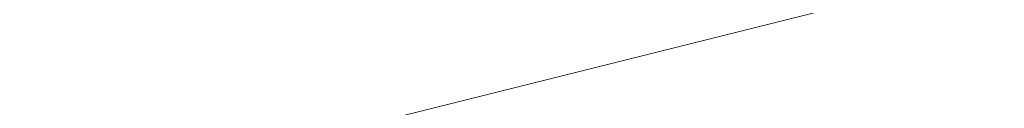
# Model space of a CAD drawing. Units: inches. Extents: x 2091 to 2899, y 967 to 2217.
# Tile 86 of 256: x 2251.278697 to 2251.287593, y 1099.919418 to 1099.920202. Entities that reach past the tile are written whole.
import ezdxf

# ---------------------------------------------------------------- set-up
doc = ezdxf.new("R2010")
doc.units = ezdxf.units.IN
doc.layers.add('A-ANNO-DIMS', color=2, linetype='Continuous', lineweight=18)
doc.layers.add('L-PLNT-TREE', color=94, linetype='Continuous', lineweight=13)
doc.layers.add('A-WALL-PATT', color=141, linetype='Continuous', lineweight=13, true_color=0xadddf7)
doc.styles.get("Standard").update_dxf_attribs({"font": 'arial.ttf'})
doc.dimstyles.new('ISO-25', dxfattribs={"dimtxt": 4, "dimasz": 4, "dimexe": 1.25, "dimexo": 0.625, "dimtad": 1, "dimdec": 0, "dimlunit": 3, "dimtxsty": 'Standard', "dimcen": 2.5, "dimadec": 0, "dimazin": 0, "dimtfac": 1, "dimtdec": 0, "dimtmove": 0, "dimatfit": 3, "dimfxl": 1, "dimarcsym": 0})

# ---------------------------------------------------------------- blocks, each defined once
blk = doc.blocks.new('*U29')
blk.add_line((-402.336, 12.192), (-451.104, 0))
blk = doc.blocks.new('*D71')
at = {"layer": 'A-ANNO-DIMS', "color": 0, "lineweight": -2, "transparency": 16777216}
for p, q in [((2212.143603, 1351.294059), (2212.143603, 969.464303)), ((2452.143603, 1351.294059), (2452.143603, 969.464303)), ((2216.143603, 970.714303), (2448.143603, 970.714303))]:
    blk.add_line(p, q, dxfattribs=at)
at = {"layer": 'A-ANNO-DIMS', "color": 0, "transparency": 16777216}
for points in [[(2216.143603, 971.3809697), (2216.143603, 970.0476363), (2212.143603, 970.714303)], [(2448.143603, 971.3809697), (2448.143603, 970.0476363), (2452.143603, 970.714303)]]:
    blk.add_solid(points, dxfattribs=at)
at = {"layer": 'Defpoints', "color": 0, "transparency": 16777216}
for p in [(2212.143603, 1351.919059), (2452.143603, 1351.919059), (2452.143603, 970.714303)]:
    blk.add_point(p, dxfattribs=at)
at = {"layer": 'A-ANNO-DIMS', "color": 0, "transparency": 16777216, "insert": (2332.143603, 973.381595), "char_height": 4, "attachment_point": 5}
blk.add_mtext('20\'-0"', dxfattribs=at)
blk = doc.blocks.new('*D75')
at = {"layer": 'A-ANNO-DIMS', "color": 0, "lineweight": -2, "transparency": 16777216}
for p, q in [((2212.143603, 1274.794059), (2212.143603, 969.464303)), ((2308.143603, 1274.794059), (2308.143603, 969.464303)), ((2216.143603, 970.714303), (2304.143603, 970.714303))]:
    blk.add_line(p, q, dxfattribs=at)
at = {"layer": 'A-ANNO-DIMS', "color": 0, "transparency": 16777216}
for points in [[(2216.143603, 971.3809697), (2216.143603, 970.0476363), (2212.143603, 970.714303)], [(2304.143603, 971.3809697), (2304.143603, 970.0476363), (2308.143603, 970.714303)]]:
    blk.add_solid(points, dxfattribs=at)
at = {"layer": 'Defpoints', "color": 0, "transparency": 16777216}
for p in [(2212.143603, 1275.419059), (2308.143603, 1275.419059), (2308.143603, 970.714303)]:
    blk.add_point(p, dxfattribs=at)
at = {"layer": 'A-ANNO-DIMS', "color": 0, "transparency": 16777216, "insert": (2260.143603, 973.381595), "char_height": 4, "attachment_point": 5}
blk.add_mtext('8\'-0"', dxfattribs=at)

msp = doc.modelspace()

# ---------------------------------------------------------------- hatches: boundary and pattern name
at = {"layer": 'A-WALL-PATT'}
h = msp.add_hatch(color=256, dxfattribs=at)
h.dxf.hatch_style = 1
h.paths.add_polyline_path([(2803.1436027, 2050.9190588), (2203.1436027, 2050.9190588), (2203.1436027, 1090.9190588), (2803.1436027, 1090.9190588)])
h.paths.add_polyline_path([(2635.7988501, 1147.5404649), (2674.5240524, 1147.5404649, 0.376086), (2678.5296653, 1152.8802017), (2678.5296653, 1159.5564734, 0.333335), (2674.524319, 1163.561846), (2674.524319, 1163.5618504), (2674.524319, 1192.9343904), (2635.8059707, 1192.9343904), (2597.0876225, 1192.9343904), (2597.0876225, 1163.561846, 0.333335), (2593.0822761, 1159.5564734), (2593.0822761, 1152.8802017, 0.376086), (2597.087889, 1147.5404649)], flags=0)
h.paths.add_polyline_path([(2436.0104329, 1278.2407784, 0.000483), (2435.9526433, 1278.215027, -0.001328), (2435.9356253, 1278.1116934, -0.001711), (2436.1164401, 1278.0407583, 0.002185)], flags=0)
h.paths.add_polyline_path([(2794.1436027, 1143.4190588), (2794.1436027, 1347.4190588), (2543.3701706, 1347.4190588), (2543.3701706, 1351.9190588), (2794.1436027, 1351.9190588), (2794.1436027, 1392.7135549), (2793.9473982, 1392.7135549), (2793.9473982, 1473.5368999), (2794.1436027, 1473.5368999), (2794.1436027, 1531.9190588), (2650.1436027, 1531.9190588), (2650.1436027, 1536.4190588), (2794.1436027, 1536.4190588), (2794.1436027, 1692.4190588), (2609.3756095, 1692.4190588), (2609.3756095, 1644.4190588), (2604.8756095, 1644.4190588), (2604.8756095, 1744.9190588), (2609.3756095, 1744.9190588), (2609.3756095, 1696.9190588), (2794.1436027, 1696.9190588), (2794.1436027, 1780.9190588), (2609.6436027, 1780.9190588), (2493.8756095, 1780.9190588), (2493.8756095, 1785.4190588), (2609.6436027, 1785.4190588), (2794.1436027, 1785.4190588), (2794.1436027, 1847.9388214), (2793.9512217, 1847.9388214), (2793.9512217, 1928.7621663), (2794.1436027, 1928.7621663), (2794.1436027, 1941.4190588), (2614.1436027, 1941.4190588), (2614.1436027, 1821.4190588), (2609.6436027, 1821.4190588), (2609.6436027, 1941.4190588), (2392.1436027, 1941.4190588), (2392.1436027, 1819.9190588), (2387.6436027, 1819.9190588), (2387.6436027, 1941.4190588), (2212.1436027, 1941.4190588), (2212.1436027, 1783.9190588), (2392.1436027, 1783.9190588), (2392.1436027, 1780.9190588), (2212.1436027, 1780.9190588), (2212.1436027, 1629.4190588), (2387.6436027, 1629.4190588), (2387.6436027, 1744.9190588), (2392.1436027, 1744.9190588), (2392.1436027, 1627.9190588), (2317.1436027, 1627.9190588), (2317.1436027, 1551.4190588), (2317.1436027, 1536.4190588), (2459.3835909, 1536.4190588), (2459.3835909, 1602.3964802), (2463.8835909, 1602.3964802), (2463.8835909, 1531.9190588), (2456.6436027, 1531.9190588), (2456.6436027, 1529.9190588), (2452.1436027, 1529.9190588), (2452.1436027, 1531.9190588), (2312.6436027, 1531.9190588), (2312.6436027, 1551.4190588), (2306.1436027, 1551.4190588), (2306.1436027, 1555.9190588), (2308.1436027, 1555.9190588), (2308.1436027, 1551.4190588), (2312.6436027, 1551.4190588), (2312.6436027, 1627.9190588), (2212.1436027, 1627.9190588), (2212.1436027, 1555.9190588), (2270.1436027, 1555.9190588), (2270.1436027, 1551.4190588), (2212.1436027, 1551.4190588), (2212.1436027, 1351.9190588), (2272.1436027, 1351.9190588), (2272.1436027, 1347.4190588), (2212.1436027, 1347.4190588), (2212.1436027, 1275.4190588), (2308.1436027, 1275.4190588), (2308.1436027, 1351.9190588), (2452.1436027, 1351.9190588), (2452.1436027, 1493.9190588), (2456.6436027, 1493.9190588), (2456.6436027, 1347.4190588), (2312.6436027, 1347.4190588), (2312.6436027, 1270.9190588), (2212.1436027, 1270.9190588), (2212.1436027, 1099.9190588), (2281.2375229, 1099.9190588), (2282.8710413, 1110.9138034), (2282.0083413, 1116.9966034), (2278.5577413, 1121.4204034), (2268.2056413, 1128.0562034), (2272.0876413, 1128.0562034), (2273.8129413, 1131.9270034), (2279.4203413, 1134.6919034), (2285.0278413, 1135.2449034), (2287.6158413, 1137.4568034), (2288.0471413, 1138.0098034), (2289.3411413, 1140.7747034), (2291.0665413, 1139.6687034), (2292.3605413, 1135.2449034), (2295.3798413, 1136.9038034), (2296.2425413, 1135.7979034), (2297.1052413, 1133.0330034), (2300.1246413, 1138.0098034), (2303.1439413, 1138.0098034), (2304.4379413, 1135.7979034), (2303.1439413, 1133.5860034), (2306.5946413, 1134.6919034), (2307.8887413, 1133.0330034), (2310.9080413, 1135.2449034), (2313.9274413, 1134.1389034), (2315.6268599, 1132.4271023), (2308.3200413, 1117.5496034), (2290.2038413, 1109.8079034), (2288.9098413, 1103.1721034), (2289.2723086, 1099.9190588), (2434.9182274, 1099.9190588), (2431.5932274, 1124.7880588), (2429.9302274, 1169.5530588), (2430.9271848, 1240.5196942), (2435.6589255, 1238.1861258), (2437.1352274, 1196.5540588), (2438.7982274, 1143.9730588), (2442.6782274, 1111.9980588), (2446.5582274, 1099.9190588), (2794.1436027, 1099.9190588), (2794.1436027, 1138.9190588), (2548.0324471, 1138.9190588), (2548.0324471, 1143.4190588), (2548.0324471, 1148.8190588), (2546.6684571, 1148.0315588), (2528.6856919, 1179.1786218, 0.256256), (2512.0324471, 1148.8190588), (2512.0324471, 1143.4190588), (2512.0324471, 1138.9190588), (2507.5324471, 1138.9190588), (2507.5324471, 1143.4190588), (2507.5324471, 1148.8190588, 0.256256), (2490.8792023, 1179.1786218), (2472.8964371, 1148.0315588), (2471.5324471, 1148.8190588), (2471.5324471, 1143.4190588), (2467.0324471, 1143.4190588), (2467.0324471, 1269.9457858, 0.039061), (2460.9099871, 1273.5800588), (2467.0324471, 1273.5800588), (2467.0324471, 1286.3253638, 0.014511), (2465.2161944, 1286.7619052), (2467.0324471, 1287.0525761), (2467.0324471, 1323.4190588), (2471.5324471, 1323.4190588), (2471.5324471, 1148.8190588), (2489.5324471, 1179.9959734), (2490.8964371, 1179.2084734), (2490.8792023, 1179.1786218, -0.256256), (2507.5324471, 1148.8190588), (2507.5324471, 1143.4190588), (2512.0324471, 1143.4190588), (2512.0324471, 1148.8190588, -0.256256), (2528.6856919, 1179.1786218), (2528.6684571, 1179.2084734), (2530.0324471, 1179.9959734), (2548.0324471, 1148.8190588), (2548.0324471, 1143.4190588)], flags=16)
h.paths.add_polyline_path([(2607.7685461, 1200.9450832), (2607.7685461, 1265.0306251), (2597.0876225, 1281.0520106), (2619.7845852, 1281.0520106), (2627.795278, 1337.1268598), (2635.7988501, 1337.1268598), (2643.8166634, 1337.1268598), (2651.8273562, 1281.0520106), (2674.524319, 1281.0520106), (2663.8433953, 1265.0306251), (2663.8433953, 1200.9450832), (2635.8059707, 1200.9450832)], flags=0)
edge = h.paths.add_edge_path(flags=0)
edge.add_ellipse((13303.8962153, 1272.9987247), major_axis=(-10595.3130399, 0.0000005), ratio=0.842303870086, start_angle=0.62823721906, end_angle=0.64655409989, ccw=False)
edge.add_ellipse((2711.7004495, 1156.8526781), major_axis=(2.2197691, 0), ratio=0.84230387, start_angle=111.5352435, end_angle=180.6282372, ccw=False)
edge.add_ellipse((13303.1562922, 1272.9987246), major_axis=(-10593.0263064, 0), ratio=0.842303869544, start_angle=0.52827147182, end_angle=0.64655409706, ccw=False)
edge.add_line((2710.7645961, 1175.3332951), (2710.1299858, 1175.3332951))
edge.add_ellipse((2710.1299858, 1176.5797752), major_axis=(1.4798461, 0), ratio=0.84230387, start_angle=180, end_angle=270, ccw=False)
edge.add_line((2708.6501397, 1176.5797752), (2708.6501397, 1200.7829144))
edge.add_ellipse((2710.1299858, 1200.7829144), major_axis=(1.4798461, 0), ratio=0.84230387, start_angle=90, end_angle=180, ccw=False)
edge.add_line((2710.1299858, 1202.0293944), (2710.4650752, 1202.0293944))
edge.add_ellipse((13303.1562922, 1272.9987246), major_axis=(-10593.0263064, 0), ratio=0.842303869544, start_angle=-0.09022908859, end_angle=0.38386677879, ccw=False)
edge.add_ellipse((2710.1299858, 1290.9270308), major_axis=(-1.4798461, 0), ratio=0.84230387, start_angle=0, end_angle=90, ccw=False)
edge.add_line((2708.6501397, 1290.9270308), (2708.6501397, 1315.13017))
edge.add_ellipse((2710.1299858, 1315.13017), major_axis=(-1.4798461, 0), ratio=0.84230387, start_angle=-90, end_angle=0, ccw=False)
edge.add_line((2710.1299858, 1316.3766501), (2710.7063141, 1316.3766501))
edge.add_ellipse((3238.4017202, 1296.2895655), major_axis=(528.2339998, 0), ratio=0.84230386954, start_angle=176.349572414, end_angle=177.820049686, ccw=False)
edge.add_ellipse((2775.0630432, 1071.4506962), major_axis=(313.3077613, 0), ratio=0.84230386954, start_angle=102.125965552, end_angle=103.780528989, ccw=False)
edge.add_ellipse((2775.0630432, 1078.3056979), major_axis=(-305.3028915, 0), ratio=0.84230386955, start_angle=-79.790461003, end_angle=-77.555372706, ccw=False)
edge.add_ellipse((2695.1417666, 1541.9753825), major_axis=(-250.9602162, 0), ratio=0.84230386954, start_angle=99.256566007, end_angle=102.554932644)
edge.add_line((2741.4103262, 1334.2142554), (2747.1325454, 1337.3784768))
edge.add_ellipse((2747.5386163, 1336.8574776), major_axis=(-0.739923, 0), ratio=0.84230387, start_angle=270, end_angle=307.9331305, ccw=False)
edge.add_ellipse((2747.5386163, 1336.8574776), major_axis=(-0.739923, 0), ratio=0.84230387, start_angle=232.0668695, end_angle=270, ccw=False)
edge.add_line((2747.9446872, 1337.3784768), (2753.6669064, 1334.2142554))
edge.add_ellipse((2799.935466, 1541.9753825), major_axis=(250.9602162, 0), ratio=0.84230386954, start_angle=257.445067356, end_angle=260.743433993)
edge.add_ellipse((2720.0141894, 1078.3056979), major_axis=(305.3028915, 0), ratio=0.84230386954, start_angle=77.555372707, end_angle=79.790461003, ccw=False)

[THE PROBLEM]: All that is needed is an exact copy of the lines from the top of the entries through the line containing "color=94, linetype='Continuous', lineweight=13)", pictures left out.

[RESPONSE AREA]:
# Model space of a CAD drawing. Units: inches. Extents: x 2091 to 2899, y 967 to 2217.
# Tile 86 of 256: x 2251.278697 to 2251.287593, y 1099.919418 to 1099.920202. Entities that reach past the tile are written whole.
import ezdxf

# ---------------------------------------------------------------- set-up
doc = ezdxf.new("R2010")
doc.units = ezdxf.units.IN
doc.layers.add('A-ANNO-DIMS', color=2, linetype='Continuous', lineweight=18)
doc.layers.add('L-PLNT-TREE', color=94, linetype='Continuous', lineweight=13)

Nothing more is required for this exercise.